=== Source data ===

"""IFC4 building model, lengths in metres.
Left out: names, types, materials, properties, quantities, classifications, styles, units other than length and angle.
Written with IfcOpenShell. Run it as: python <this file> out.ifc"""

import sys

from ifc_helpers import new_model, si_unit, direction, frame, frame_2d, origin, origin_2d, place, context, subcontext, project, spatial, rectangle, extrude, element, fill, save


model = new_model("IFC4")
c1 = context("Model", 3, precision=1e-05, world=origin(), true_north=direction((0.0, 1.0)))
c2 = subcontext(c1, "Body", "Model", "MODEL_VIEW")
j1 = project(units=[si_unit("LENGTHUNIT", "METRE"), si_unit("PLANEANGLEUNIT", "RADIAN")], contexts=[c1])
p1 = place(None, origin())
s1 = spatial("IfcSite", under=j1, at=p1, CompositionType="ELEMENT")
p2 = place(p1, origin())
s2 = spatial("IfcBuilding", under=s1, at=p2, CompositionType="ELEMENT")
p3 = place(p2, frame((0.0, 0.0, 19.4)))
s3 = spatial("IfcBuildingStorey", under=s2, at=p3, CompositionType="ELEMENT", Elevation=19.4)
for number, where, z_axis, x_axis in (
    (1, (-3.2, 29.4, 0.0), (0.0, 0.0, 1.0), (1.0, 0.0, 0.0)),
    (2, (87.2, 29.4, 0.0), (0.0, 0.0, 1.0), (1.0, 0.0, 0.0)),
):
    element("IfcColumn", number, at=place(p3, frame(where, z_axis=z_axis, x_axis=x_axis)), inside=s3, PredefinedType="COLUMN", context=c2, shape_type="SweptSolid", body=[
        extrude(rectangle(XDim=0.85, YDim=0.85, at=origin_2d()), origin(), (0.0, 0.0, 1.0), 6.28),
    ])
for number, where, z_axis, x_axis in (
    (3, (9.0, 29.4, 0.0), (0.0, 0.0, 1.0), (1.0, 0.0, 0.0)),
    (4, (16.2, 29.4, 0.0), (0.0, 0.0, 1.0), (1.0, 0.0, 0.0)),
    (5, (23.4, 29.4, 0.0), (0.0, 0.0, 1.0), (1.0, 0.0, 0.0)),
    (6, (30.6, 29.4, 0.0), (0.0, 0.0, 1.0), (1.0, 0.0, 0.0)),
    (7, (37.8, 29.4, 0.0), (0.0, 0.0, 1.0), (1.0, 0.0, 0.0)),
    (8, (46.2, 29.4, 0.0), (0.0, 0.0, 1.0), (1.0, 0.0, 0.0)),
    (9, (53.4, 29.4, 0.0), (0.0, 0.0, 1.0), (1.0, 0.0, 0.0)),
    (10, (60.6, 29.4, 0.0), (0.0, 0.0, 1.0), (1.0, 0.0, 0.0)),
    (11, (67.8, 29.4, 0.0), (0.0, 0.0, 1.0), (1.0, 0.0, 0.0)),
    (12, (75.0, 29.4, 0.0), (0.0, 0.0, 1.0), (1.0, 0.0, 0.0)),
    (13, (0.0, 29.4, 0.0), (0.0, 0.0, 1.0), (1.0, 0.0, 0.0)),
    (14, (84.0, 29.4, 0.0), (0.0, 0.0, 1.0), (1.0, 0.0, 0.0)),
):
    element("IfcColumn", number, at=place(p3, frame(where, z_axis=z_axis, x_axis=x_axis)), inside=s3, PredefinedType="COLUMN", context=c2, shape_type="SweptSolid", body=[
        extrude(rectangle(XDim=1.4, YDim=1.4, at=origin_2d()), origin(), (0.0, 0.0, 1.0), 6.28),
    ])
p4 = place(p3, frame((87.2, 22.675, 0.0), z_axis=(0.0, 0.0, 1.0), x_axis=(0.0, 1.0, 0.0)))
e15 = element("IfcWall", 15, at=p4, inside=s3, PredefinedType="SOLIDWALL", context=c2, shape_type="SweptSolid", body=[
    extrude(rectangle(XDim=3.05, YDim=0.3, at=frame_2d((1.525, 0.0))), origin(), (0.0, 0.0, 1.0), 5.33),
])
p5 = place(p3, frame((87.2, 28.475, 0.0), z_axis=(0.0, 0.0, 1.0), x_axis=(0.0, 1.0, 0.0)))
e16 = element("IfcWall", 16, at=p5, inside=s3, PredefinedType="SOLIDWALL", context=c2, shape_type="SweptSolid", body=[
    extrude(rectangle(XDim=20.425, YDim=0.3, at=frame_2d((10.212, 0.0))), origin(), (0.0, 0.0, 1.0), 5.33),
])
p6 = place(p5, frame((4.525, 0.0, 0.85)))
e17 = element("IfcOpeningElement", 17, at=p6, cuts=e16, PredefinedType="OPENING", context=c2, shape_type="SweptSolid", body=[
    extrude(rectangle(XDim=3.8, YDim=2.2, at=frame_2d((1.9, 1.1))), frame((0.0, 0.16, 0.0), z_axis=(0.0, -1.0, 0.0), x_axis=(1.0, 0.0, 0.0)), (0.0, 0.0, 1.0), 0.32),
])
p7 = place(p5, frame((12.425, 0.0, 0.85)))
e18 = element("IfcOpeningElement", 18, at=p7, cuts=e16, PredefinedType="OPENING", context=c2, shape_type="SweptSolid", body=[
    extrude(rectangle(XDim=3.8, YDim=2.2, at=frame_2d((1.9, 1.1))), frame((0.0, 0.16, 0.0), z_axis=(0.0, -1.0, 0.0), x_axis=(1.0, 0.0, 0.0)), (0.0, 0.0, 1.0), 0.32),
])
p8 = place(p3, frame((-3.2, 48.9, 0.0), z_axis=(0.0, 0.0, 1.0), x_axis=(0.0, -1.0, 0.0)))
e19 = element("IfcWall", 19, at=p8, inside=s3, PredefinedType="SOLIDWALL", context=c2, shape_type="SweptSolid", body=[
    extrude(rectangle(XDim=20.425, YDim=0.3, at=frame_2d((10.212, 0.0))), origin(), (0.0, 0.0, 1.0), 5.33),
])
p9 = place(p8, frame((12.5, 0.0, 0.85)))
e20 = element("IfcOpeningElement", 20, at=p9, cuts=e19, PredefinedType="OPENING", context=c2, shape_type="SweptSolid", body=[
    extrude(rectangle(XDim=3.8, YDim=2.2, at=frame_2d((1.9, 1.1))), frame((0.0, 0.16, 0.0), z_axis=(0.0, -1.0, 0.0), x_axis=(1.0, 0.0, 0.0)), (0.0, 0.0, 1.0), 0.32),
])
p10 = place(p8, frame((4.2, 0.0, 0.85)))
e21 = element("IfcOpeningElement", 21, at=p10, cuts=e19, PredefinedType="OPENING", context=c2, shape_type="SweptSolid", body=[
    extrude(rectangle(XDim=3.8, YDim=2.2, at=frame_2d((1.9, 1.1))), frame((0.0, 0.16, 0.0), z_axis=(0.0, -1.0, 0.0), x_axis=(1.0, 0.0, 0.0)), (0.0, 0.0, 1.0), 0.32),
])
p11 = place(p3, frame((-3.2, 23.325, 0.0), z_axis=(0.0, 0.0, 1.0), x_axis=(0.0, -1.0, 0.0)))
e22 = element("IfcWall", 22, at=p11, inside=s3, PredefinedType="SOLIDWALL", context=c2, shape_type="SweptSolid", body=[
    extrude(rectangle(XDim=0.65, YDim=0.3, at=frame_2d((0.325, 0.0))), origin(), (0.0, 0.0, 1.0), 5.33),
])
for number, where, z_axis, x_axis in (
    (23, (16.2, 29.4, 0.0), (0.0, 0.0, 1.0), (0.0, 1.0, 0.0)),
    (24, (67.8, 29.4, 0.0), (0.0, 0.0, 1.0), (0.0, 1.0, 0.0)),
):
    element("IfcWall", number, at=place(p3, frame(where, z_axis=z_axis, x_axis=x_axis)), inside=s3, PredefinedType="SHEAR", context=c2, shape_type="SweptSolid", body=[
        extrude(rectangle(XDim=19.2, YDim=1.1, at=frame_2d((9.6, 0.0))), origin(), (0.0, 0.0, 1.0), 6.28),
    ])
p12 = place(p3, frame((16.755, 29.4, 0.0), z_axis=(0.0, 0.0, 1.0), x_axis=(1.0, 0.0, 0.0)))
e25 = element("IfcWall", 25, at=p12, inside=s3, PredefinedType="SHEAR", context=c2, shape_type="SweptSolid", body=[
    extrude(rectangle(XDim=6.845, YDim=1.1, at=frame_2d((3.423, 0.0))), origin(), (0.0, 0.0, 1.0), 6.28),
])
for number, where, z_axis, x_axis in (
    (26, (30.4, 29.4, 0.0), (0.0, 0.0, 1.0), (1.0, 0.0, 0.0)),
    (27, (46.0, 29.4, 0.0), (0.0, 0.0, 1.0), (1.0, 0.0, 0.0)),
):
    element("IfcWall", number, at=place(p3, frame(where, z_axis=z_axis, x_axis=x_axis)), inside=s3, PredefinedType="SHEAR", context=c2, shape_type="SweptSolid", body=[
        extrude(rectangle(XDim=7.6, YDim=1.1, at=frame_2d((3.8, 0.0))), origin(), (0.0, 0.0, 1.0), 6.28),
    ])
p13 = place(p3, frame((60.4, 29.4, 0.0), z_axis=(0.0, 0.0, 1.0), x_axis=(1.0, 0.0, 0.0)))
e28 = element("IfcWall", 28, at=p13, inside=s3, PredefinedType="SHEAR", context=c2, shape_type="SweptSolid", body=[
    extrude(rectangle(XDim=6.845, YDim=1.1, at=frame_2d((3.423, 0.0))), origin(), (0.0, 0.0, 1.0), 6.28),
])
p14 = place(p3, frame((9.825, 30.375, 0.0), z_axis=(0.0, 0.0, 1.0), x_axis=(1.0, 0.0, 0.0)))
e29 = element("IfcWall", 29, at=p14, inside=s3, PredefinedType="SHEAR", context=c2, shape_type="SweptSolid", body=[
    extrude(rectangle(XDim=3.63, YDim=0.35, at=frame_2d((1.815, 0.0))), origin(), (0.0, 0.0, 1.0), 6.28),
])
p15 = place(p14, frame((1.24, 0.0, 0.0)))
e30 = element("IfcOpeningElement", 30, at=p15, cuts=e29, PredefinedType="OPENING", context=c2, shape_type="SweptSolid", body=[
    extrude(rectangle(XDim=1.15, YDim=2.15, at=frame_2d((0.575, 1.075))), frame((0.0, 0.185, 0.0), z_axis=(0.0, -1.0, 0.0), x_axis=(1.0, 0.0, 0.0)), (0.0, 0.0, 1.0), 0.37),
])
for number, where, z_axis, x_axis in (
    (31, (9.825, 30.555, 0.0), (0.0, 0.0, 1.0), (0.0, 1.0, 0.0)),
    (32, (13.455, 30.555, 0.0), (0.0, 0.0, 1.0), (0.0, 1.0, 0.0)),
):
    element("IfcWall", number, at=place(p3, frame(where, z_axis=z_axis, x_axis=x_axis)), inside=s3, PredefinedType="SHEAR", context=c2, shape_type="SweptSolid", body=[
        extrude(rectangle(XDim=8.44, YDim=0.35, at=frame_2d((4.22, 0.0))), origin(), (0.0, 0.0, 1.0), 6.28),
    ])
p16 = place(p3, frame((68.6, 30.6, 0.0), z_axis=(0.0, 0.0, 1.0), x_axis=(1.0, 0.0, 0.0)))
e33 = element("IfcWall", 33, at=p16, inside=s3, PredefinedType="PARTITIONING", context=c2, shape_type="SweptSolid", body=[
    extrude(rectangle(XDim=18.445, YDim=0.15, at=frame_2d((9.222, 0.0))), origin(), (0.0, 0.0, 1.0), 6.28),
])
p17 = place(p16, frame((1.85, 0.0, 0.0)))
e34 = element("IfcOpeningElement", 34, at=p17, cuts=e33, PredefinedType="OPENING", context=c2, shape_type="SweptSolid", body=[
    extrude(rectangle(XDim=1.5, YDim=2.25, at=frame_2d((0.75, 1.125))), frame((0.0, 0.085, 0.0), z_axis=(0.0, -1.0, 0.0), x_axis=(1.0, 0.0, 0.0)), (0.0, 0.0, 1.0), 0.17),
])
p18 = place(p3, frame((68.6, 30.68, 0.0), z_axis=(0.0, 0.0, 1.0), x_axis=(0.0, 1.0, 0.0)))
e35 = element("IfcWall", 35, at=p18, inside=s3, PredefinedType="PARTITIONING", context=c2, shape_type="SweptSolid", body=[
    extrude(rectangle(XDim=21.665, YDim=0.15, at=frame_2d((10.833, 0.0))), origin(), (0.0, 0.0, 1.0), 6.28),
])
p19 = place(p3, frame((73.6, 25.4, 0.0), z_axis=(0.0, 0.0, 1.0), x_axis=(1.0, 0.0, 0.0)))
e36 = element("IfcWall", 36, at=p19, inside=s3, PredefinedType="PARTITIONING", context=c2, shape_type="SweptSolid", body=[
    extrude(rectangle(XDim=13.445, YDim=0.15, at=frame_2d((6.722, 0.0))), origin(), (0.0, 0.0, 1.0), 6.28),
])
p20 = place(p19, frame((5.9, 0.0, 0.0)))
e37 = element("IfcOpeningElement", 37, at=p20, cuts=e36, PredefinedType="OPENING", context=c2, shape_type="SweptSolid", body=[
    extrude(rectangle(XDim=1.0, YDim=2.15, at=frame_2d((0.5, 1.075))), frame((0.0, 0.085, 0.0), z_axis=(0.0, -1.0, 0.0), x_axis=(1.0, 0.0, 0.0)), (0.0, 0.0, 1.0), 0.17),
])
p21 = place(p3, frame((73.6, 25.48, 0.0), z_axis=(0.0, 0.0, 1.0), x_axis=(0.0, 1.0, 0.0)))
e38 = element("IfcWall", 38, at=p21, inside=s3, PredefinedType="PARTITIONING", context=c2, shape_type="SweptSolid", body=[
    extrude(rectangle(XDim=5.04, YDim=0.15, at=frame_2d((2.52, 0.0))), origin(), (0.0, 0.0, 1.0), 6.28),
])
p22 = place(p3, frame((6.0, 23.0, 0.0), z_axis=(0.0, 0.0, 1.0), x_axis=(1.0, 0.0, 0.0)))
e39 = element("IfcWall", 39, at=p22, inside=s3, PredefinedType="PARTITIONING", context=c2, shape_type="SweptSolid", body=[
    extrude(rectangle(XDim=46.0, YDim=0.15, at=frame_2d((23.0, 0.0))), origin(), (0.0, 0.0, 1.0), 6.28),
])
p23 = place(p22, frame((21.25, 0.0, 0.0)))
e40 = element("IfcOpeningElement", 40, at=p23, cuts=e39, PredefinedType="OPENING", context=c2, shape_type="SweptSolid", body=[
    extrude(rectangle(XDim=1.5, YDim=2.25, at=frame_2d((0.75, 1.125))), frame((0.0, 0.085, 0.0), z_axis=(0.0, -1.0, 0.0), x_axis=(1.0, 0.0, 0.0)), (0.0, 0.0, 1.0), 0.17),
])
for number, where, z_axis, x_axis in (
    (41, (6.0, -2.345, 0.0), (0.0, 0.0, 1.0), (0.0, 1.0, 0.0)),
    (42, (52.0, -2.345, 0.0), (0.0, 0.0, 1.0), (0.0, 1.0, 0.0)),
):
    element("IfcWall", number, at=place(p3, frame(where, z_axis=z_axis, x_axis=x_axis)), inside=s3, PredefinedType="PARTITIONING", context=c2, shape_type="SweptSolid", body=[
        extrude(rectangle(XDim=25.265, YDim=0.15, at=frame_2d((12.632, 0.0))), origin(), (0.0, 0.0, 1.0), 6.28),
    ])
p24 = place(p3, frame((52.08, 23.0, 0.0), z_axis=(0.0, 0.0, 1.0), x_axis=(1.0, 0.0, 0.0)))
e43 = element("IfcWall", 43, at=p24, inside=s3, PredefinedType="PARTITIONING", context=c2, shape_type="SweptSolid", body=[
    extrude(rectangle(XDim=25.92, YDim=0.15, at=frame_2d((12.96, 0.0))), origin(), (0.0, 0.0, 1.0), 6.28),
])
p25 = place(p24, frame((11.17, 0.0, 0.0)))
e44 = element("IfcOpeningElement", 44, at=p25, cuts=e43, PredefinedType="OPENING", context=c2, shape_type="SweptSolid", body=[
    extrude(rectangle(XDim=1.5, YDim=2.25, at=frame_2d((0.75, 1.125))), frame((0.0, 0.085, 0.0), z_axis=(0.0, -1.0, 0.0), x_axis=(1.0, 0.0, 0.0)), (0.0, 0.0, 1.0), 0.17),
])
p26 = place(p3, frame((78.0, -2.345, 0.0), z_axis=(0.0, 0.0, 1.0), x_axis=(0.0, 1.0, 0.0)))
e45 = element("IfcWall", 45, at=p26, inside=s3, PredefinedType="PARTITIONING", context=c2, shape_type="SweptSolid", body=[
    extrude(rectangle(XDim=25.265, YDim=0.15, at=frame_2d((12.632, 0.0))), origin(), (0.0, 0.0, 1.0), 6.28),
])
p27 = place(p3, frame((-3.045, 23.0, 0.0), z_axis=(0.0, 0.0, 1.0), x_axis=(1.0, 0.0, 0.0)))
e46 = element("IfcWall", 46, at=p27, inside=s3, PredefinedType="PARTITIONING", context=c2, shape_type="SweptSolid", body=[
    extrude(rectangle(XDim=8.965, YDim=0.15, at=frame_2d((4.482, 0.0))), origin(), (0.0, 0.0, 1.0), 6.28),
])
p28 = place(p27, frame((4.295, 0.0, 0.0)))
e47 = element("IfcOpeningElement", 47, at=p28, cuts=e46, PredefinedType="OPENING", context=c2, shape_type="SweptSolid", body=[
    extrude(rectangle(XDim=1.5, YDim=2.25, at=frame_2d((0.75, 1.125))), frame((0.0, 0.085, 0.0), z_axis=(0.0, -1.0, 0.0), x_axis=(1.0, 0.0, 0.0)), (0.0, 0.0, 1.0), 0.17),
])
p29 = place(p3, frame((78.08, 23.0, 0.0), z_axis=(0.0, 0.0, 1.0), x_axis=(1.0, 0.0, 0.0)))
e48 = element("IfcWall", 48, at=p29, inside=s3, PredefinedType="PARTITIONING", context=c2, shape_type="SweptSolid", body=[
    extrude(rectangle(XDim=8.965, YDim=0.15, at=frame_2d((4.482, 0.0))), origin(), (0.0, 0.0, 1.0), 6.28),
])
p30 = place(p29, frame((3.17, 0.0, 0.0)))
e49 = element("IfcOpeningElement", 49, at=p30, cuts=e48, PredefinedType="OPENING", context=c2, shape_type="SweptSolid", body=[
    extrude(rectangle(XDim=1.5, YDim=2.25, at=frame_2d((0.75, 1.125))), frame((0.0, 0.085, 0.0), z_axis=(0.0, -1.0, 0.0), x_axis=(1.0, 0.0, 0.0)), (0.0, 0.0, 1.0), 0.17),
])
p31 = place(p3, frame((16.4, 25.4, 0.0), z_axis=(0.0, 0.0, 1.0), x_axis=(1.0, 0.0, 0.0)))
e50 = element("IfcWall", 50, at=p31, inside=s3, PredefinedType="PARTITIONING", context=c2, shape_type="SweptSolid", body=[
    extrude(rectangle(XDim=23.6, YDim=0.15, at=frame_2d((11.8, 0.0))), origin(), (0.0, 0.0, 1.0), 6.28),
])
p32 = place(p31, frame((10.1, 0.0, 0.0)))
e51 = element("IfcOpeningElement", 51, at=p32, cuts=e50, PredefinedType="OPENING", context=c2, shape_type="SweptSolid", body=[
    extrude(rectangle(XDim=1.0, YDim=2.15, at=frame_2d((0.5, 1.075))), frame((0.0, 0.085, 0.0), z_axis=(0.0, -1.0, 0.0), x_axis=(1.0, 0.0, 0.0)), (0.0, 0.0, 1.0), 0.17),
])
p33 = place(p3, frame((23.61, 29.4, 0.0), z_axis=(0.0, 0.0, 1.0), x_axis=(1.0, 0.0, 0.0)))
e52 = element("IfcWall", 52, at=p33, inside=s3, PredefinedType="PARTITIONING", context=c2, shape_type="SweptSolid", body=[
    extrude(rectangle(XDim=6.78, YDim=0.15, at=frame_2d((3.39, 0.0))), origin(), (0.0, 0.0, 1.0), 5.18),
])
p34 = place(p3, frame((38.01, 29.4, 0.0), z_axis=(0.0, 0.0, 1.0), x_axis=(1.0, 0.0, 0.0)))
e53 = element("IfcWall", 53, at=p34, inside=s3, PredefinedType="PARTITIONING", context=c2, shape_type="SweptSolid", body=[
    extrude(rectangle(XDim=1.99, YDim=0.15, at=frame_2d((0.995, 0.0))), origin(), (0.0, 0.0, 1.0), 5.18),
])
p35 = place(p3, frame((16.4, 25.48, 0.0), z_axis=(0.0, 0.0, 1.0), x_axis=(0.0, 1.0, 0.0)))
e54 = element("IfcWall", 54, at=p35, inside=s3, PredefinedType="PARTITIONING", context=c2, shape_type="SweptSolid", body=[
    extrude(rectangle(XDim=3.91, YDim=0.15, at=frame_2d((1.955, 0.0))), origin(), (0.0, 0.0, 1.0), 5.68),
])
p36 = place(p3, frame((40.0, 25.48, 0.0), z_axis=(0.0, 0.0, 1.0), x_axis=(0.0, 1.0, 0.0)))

===

> _Activity_:
Each line above where the word "under" occurs should be copied out.

> _Answer box_:
s1 = spatial("IfcSite", under=j1, at=p1, CompositionType="ELEMENT")
s2 = spatial("IfcBuilding", under=s1, at=p2, CompositionType="ELEMENT")
s3 = spatial("IfcBuildingStorey", under=s2, at=p3, CompositionType="ELEMENT", Elevation=19.4)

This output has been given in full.